Records drawn from a dataset
* * *

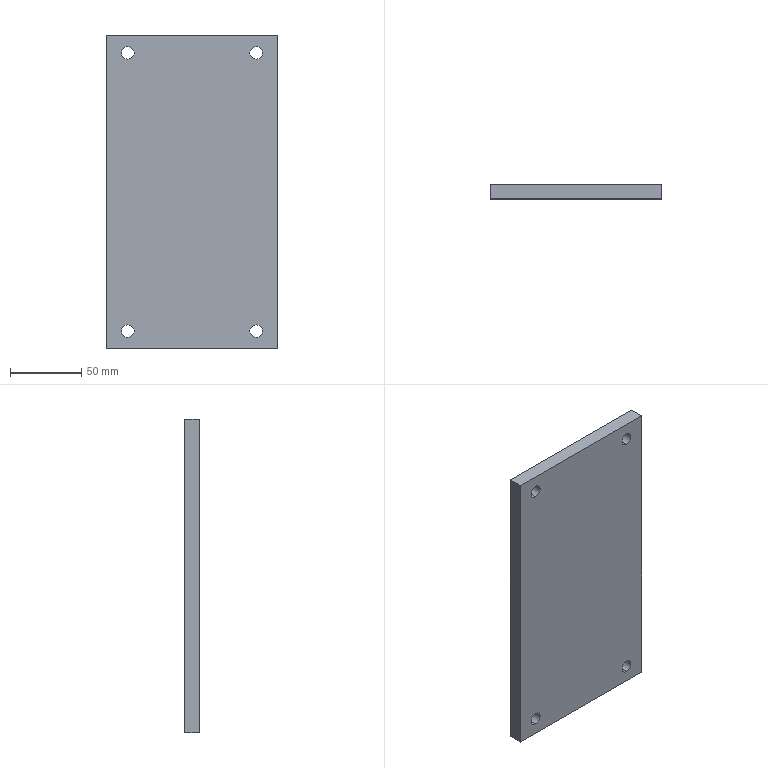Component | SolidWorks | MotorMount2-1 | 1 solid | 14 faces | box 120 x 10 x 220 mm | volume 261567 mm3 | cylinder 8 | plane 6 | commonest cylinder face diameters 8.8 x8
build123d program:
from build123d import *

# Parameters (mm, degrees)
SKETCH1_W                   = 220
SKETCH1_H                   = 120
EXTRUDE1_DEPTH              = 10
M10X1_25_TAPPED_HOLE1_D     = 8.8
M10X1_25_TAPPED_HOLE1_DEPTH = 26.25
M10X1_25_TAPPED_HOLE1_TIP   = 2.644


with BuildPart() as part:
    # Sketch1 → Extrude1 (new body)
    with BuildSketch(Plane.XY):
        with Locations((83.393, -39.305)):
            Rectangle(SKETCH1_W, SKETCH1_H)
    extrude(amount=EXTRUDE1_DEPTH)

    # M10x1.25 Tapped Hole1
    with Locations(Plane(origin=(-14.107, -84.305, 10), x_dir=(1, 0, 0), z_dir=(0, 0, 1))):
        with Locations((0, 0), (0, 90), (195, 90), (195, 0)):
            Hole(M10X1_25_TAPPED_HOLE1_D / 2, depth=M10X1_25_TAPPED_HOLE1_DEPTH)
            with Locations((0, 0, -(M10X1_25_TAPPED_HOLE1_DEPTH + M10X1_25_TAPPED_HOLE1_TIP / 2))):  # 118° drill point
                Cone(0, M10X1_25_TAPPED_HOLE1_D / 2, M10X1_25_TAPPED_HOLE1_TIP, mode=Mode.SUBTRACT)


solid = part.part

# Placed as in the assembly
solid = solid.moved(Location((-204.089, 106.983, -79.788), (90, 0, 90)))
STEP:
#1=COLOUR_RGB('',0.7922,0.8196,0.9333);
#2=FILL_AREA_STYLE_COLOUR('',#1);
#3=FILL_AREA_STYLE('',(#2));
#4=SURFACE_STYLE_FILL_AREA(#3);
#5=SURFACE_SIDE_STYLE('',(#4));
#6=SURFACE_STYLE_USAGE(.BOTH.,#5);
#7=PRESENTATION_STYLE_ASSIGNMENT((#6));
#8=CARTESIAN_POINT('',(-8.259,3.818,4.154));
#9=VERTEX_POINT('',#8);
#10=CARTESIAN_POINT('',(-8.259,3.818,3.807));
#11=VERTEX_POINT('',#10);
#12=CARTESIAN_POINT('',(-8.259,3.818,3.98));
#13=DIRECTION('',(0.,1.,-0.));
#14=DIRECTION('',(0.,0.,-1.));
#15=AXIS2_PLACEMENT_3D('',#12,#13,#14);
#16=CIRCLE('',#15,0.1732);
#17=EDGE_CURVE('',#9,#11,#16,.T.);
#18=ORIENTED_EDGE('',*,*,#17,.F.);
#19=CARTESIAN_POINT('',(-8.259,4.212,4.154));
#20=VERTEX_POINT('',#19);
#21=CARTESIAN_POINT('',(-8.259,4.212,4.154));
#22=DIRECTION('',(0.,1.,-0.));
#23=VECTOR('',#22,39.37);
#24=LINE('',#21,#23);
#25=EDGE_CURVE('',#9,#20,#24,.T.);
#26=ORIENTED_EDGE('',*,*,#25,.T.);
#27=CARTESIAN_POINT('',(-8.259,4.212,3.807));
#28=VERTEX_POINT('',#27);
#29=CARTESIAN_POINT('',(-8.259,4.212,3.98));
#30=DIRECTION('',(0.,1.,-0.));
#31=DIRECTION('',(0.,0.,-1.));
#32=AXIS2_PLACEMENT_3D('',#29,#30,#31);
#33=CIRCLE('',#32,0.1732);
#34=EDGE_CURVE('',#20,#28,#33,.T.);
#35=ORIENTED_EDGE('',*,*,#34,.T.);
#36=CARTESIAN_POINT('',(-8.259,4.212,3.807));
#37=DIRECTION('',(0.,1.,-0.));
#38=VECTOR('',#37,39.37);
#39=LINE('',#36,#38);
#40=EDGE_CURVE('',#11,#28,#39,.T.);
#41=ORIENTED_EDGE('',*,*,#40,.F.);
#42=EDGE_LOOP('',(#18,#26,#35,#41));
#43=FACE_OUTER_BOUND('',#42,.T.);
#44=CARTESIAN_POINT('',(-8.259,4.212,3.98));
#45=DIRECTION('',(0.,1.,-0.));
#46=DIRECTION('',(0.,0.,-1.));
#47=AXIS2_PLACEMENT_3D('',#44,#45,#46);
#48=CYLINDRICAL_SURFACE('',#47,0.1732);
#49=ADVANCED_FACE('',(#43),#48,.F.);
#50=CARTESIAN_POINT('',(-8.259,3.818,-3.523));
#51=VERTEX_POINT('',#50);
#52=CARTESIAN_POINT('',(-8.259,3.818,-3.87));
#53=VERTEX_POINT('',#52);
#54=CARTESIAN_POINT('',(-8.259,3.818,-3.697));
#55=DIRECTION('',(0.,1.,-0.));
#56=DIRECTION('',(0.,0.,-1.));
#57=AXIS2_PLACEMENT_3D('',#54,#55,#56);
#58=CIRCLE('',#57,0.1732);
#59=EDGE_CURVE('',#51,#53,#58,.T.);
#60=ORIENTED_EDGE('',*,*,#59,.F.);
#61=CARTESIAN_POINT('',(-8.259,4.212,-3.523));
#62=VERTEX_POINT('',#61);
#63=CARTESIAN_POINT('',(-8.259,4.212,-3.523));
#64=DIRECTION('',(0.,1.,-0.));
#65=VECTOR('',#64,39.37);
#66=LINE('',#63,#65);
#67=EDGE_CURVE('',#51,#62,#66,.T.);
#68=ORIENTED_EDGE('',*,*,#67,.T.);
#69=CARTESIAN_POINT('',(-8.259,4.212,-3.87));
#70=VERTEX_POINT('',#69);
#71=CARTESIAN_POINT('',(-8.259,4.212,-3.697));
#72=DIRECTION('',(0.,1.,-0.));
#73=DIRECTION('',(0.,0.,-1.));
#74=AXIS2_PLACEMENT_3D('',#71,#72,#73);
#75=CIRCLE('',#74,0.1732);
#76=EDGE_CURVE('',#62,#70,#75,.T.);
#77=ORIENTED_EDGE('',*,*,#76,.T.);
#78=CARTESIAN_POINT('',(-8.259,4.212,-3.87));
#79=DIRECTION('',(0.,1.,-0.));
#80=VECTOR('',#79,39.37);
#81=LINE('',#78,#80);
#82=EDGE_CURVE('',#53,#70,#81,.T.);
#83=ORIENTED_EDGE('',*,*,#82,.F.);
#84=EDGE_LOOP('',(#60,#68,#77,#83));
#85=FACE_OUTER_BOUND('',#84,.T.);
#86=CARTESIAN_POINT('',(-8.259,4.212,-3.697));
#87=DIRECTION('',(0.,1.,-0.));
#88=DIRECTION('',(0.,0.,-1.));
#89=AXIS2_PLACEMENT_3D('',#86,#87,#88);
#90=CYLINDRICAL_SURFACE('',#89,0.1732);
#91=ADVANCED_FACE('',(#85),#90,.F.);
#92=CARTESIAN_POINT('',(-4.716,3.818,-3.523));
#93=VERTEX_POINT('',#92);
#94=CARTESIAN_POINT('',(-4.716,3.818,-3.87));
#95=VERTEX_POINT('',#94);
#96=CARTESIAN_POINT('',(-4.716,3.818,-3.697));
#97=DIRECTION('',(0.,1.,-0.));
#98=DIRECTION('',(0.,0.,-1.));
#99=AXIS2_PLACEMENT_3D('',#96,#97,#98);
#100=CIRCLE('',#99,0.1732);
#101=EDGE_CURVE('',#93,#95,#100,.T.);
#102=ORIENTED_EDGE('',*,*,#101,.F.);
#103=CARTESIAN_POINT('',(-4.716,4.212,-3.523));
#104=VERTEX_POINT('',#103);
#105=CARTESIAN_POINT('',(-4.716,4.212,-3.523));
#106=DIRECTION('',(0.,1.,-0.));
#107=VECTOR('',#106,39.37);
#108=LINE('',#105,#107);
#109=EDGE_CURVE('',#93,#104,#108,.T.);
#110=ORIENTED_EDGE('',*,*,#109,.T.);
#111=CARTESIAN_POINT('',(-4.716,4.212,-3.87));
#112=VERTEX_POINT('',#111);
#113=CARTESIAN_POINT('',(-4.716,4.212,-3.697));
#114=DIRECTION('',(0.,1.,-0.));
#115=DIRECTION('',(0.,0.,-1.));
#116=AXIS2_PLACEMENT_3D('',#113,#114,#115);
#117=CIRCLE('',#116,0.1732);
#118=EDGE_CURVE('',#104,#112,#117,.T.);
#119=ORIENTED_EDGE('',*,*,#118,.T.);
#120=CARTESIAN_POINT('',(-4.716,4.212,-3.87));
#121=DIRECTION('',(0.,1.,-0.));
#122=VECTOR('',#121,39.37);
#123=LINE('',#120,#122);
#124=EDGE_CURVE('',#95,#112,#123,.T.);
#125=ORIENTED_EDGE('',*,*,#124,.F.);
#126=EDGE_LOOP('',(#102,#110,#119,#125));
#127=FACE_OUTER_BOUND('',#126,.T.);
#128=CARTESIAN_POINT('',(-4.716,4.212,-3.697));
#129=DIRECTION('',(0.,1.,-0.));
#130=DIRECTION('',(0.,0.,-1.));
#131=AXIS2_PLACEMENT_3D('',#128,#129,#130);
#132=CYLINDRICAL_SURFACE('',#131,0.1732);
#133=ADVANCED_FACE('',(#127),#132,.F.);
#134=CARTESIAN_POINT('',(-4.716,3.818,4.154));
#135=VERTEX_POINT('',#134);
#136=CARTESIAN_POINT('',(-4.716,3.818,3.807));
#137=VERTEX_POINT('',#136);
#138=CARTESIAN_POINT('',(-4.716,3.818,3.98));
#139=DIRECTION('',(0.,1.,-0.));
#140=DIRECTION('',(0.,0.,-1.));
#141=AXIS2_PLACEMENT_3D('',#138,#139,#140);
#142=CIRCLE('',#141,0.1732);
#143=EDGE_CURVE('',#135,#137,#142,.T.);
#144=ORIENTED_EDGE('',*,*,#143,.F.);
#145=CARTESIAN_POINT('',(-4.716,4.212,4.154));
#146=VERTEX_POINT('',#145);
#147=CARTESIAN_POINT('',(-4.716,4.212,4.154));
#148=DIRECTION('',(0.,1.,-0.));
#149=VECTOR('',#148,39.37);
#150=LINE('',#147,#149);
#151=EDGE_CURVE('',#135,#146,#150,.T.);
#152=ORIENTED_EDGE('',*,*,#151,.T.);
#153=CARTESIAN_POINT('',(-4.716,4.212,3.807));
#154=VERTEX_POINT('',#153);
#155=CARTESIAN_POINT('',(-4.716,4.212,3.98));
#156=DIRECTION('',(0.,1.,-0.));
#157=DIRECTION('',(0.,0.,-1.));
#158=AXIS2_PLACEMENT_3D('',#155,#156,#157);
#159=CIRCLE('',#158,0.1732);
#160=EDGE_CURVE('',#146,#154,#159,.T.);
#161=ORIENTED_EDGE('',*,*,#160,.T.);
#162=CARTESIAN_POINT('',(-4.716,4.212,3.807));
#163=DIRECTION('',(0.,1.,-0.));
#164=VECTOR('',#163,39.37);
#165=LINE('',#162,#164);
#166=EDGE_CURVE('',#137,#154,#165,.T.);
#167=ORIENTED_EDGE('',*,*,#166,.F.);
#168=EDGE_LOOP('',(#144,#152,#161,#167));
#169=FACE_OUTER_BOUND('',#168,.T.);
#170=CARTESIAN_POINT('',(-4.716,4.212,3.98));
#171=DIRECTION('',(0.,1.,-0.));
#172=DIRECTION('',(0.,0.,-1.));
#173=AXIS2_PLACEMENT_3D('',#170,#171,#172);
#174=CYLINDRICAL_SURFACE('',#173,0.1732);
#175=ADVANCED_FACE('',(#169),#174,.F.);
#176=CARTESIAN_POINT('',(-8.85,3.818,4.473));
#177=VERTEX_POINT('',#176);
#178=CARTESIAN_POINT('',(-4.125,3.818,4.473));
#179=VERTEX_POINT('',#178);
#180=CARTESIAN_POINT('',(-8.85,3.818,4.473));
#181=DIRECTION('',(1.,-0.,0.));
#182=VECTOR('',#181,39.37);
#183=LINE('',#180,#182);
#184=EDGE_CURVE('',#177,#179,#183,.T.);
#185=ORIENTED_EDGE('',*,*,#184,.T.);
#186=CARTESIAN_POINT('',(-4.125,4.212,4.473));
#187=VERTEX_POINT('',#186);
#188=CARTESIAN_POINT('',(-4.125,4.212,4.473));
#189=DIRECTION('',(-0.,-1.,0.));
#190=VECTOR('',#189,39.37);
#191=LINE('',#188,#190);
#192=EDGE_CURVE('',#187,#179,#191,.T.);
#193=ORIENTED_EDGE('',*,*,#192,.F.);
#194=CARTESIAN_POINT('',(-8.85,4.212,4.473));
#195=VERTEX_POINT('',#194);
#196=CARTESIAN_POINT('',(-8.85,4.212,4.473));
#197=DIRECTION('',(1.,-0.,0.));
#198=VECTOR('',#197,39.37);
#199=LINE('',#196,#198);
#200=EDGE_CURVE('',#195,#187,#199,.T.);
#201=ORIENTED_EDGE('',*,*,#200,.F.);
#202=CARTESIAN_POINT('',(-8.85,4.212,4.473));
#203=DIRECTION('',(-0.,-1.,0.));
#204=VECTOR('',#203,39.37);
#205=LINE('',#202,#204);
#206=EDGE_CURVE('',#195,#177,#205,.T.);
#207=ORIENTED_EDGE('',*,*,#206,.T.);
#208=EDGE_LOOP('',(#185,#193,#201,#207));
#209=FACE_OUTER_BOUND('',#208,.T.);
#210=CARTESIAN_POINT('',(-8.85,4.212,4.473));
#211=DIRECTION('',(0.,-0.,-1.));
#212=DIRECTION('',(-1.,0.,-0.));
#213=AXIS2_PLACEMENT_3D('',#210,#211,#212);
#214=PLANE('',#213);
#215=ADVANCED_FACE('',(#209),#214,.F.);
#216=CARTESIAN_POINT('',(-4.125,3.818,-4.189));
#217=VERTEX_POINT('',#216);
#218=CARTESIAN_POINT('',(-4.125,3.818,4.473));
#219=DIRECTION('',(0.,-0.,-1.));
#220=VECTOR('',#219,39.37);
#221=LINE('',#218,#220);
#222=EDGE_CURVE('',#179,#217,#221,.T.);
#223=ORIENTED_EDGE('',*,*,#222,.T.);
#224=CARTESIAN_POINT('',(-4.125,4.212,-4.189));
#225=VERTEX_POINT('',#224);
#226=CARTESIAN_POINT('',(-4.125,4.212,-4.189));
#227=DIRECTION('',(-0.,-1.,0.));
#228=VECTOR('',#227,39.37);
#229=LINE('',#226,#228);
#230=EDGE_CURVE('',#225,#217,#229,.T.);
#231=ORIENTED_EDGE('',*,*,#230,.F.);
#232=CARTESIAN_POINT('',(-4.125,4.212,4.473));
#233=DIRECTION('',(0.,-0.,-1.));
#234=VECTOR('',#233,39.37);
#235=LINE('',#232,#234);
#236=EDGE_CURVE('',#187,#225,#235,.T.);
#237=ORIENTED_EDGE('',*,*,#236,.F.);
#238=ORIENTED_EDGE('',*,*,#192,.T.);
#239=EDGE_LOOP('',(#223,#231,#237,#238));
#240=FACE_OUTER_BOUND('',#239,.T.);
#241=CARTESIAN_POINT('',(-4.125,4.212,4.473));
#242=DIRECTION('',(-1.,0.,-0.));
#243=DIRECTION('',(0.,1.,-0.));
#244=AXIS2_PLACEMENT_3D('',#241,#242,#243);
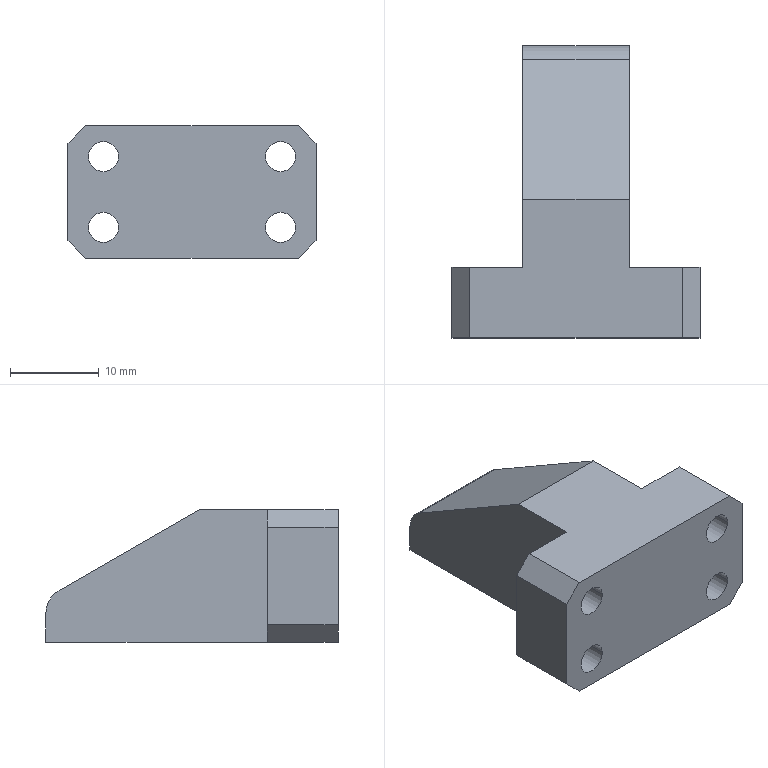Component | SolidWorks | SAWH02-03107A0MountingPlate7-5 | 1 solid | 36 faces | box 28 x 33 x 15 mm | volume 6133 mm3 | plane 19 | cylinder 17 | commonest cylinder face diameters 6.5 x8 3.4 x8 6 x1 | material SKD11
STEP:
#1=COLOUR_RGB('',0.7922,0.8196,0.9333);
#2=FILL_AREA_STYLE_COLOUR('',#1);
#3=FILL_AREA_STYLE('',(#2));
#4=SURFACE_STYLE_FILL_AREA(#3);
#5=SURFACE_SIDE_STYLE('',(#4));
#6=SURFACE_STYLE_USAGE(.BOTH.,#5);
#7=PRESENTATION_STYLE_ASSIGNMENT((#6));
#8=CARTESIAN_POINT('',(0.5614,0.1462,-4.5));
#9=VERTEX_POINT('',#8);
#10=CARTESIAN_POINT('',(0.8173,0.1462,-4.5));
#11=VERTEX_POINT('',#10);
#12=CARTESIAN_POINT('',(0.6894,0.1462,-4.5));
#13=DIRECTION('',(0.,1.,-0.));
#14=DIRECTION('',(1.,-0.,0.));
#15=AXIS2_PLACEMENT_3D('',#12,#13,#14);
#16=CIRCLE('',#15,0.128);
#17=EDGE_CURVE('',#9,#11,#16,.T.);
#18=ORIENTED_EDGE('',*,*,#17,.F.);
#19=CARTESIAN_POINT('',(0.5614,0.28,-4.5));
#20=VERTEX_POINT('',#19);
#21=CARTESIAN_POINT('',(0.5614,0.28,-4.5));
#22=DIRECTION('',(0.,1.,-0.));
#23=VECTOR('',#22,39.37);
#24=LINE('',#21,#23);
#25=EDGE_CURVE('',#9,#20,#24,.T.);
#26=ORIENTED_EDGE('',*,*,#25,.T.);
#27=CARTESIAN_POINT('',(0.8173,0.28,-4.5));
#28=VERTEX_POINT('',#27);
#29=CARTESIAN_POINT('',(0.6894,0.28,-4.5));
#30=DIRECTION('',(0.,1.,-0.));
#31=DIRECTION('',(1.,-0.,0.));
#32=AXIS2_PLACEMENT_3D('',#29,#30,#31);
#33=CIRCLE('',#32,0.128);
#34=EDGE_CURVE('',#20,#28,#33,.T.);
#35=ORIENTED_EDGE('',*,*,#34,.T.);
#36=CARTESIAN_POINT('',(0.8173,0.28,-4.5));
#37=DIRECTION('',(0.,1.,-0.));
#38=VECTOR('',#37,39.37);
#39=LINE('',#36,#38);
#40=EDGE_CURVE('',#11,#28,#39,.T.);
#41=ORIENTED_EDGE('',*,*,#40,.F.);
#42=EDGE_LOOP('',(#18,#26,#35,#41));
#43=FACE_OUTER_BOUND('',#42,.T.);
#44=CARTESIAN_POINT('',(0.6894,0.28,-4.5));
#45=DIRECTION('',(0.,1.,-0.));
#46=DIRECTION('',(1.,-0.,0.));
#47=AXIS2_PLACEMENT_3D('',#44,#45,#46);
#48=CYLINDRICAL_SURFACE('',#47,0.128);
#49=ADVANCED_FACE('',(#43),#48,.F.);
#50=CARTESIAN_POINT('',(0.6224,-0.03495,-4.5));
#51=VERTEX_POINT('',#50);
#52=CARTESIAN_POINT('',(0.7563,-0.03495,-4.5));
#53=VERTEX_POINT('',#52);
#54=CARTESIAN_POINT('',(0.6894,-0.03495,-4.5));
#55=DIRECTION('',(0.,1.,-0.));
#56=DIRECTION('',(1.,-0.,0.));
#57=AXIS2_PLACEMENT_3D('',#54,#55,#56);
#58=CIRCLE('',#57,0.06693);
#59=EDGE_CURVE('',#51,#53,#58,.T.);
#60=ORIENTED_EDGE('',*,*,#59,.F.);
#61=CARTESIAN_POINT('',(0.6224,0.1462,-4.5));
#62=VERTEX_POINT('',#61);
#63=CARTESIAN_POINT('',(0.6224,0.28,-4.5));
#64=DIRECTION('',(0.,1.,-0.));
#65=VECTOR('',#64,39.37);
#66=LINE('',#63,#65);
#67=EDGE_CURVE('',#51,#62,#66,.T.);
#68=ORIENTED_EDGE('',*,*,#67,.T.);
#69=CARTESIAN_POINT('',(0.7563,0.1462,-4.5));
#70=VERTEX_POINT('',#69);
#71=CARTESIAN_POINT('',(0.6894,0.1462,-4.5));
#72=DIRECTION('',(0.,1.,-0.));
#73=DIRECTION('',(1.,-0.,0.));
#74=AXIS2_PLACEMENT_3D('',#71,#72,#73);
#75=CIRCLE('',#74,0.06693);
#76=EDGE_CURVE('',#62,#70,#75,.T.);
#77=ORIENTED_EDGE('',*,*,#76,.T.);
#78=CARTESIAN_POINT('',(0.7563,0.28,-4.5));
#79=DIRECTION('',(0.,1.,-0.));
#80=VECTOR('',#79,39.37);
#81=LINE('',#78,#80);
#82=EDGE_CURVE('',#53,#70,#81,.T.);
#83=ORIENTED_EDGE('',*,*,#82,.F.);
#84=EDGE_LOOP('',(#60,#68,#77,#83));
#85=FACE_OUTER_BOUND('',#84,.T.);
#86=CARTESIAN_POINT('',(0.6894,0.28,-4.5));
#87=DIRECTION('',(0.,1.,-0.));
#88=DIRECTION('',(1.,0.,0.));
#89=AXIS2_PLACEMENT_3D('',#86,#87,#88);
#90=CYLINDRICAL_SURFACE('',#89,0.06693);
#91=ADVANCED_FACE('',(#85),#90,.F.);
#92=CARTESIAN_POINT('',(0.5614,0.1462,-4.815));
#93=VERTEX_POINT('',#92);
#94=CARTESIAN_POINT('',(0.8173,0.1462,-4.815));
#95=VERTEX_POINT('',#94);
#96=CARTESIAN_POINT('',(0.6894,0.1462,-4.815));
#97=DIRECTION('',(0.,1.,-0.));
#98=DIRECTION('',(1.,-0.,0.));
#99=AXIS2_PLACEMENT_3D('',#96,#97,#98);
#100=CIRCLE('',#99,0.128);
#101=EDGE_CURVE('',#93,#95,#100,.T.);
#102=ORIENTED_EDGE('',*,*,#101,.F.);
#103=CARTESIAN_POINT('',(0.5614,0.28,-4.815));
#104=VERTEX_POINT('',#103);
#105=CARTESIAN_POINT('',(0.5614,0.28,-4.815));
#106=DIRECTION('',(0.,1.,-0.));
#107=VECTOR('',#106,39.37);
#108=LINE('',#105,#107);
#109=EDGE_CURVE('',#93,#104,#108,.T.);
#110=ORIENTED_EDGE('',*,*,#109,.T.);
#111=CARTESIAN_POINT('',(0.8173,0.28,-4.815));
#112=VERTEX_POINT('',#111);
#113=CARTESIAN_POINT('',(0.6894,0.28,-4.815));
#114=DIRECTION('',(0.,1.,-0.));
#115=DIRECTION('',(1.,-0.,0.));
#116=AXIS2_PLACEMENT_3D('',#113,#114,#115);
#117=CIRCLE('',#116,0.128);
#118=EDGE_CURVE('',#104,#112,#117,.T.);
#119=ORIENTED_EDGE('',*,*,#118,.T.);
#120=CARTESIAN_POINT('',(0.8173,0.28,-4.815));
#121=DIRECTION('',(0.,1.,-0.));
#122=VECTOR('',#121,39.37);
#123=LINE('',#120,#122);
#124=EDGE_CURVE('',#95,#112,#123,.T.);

* * *

→ Action item: Where the data above reaches the line holding "#192=EDGE_CURVE('',#187,#179,#191,.T.);", begin printing, and stop after the line holding "#244=AXIS2_PLACEMENT_3D('',#241,#242,#243);". Each line must be reproduced exactly, with nothing else added.

→ Exercise answer:
#192=EDGE_CURVE('',#187,#179,#191,.T.);
#193=ORIENTED_EDGE('',*,*,#192,.F.);
#194=CARTESIAN_POINT('',(-8.85,4.212,4.473));
#195=VERTEX_POINT('',#194);
#196=CARTESIAN_POINT('',(-8.85,4.212,4.473));
#197=DIRECTION('',(1.,-0.,0.));
#198=VECTOR('',#197,39.37);
#199=LINE('',#196,#198);
#200=EDGE_CURVE('',#195,#187,#199,.T.);
#201=ORIENTED_EDGE('',*,*,#200,.F.);
#202=CARTESIAN_POINT('',(-8.85,4.212,4.473));
#203=DIRECTION('',(-0.,-1.,0.));
#204=VECTOR('',#203,39.37);
#205=LINE('',#202,#204);
#206=EDGE_CURVE('',#195,#177,#205,.T.);
#207=ORIENTED_EDGE('',*,*,#206,.T.);
#208=EDGE_LOOP('',(#185,#193,#201,#207));
#209=FACE_OUTER_BOUND('',#208,.T.);
#210=CARTESIAN_POINT('',(-8.85,4.212,4.473));
#211=DIRECTION('',(0.,-0.,-1.));
#212=DIRECTION('',(-1.,0.,-0.));
#213=AXIS2_PLACEMENT_3D('',#210,#211,#212);
#214=PLANE('',#213);
#215=ADVANCED_FACE('',(#209),#214,.F.);
#216=CARTESIAN_POINT('',(-4.125,3.818,-4.189));
#217=VERTEX_POINT('',#216);
#218=CARTESIAN_POINT('',(-4.125,3.818,4.473));
#219=DIRECTION('',(0.,-0.,-1.));
#220=VECTOR('',#219,39.37);
#221=LINE('',#218,#220);
#222=EDGE_CURVE('',#179,#217,#221,.T.);
#223=ORIENTED_EDGE('',*,*,#222,.T.);
#224=CARTESIAN_POINT('',(-4.125,4.212,-4.189));
#225=VERTEX_POINT('',#224);
#226=CARTESIAN_POINT('',(-4.125,4.212,-4.189));
#227=DIRECTION('',(-0.,-1.,0.));
#228=VECTOR('',#227,39.37);
#229=LINE('',#226,#228);
#230=EDGE_CURVE('',#225,#217,#229,.T.);
#231=ORIENTED_EDGE('',*,*,#230,.F.);
#232=CARTESIAN_POINT('',(-4.125,4.212,4.473));
#233=DIRECTION('',(0.,-0.,-1.));
#234=VECTOR('',#233,39.37);
#235=LINE('',#232,#234);
#236=EDGE_CURVE('',#187,#225,#235,.T.);
#237=ORIENTED_EDGE('',*,*,#236,.F.);
#238=ORIENTED_EDGE('',*,*,#192,.T.);
#239=EDGE_LOOP('',(#223,#231,#237,#238));
#240=FACE_OUTER_BOUND('',#239,.T.);
#241=CARTESIAN_POINT('',(-4.125,4.212,4.473));
#242=DIRECTION('',(-1.,0.,-0.));
#243=DIRECTION('',(0.,1.,-0.));
#244=AXIS2_PLACEMENT_3D('',#241,#242,#243);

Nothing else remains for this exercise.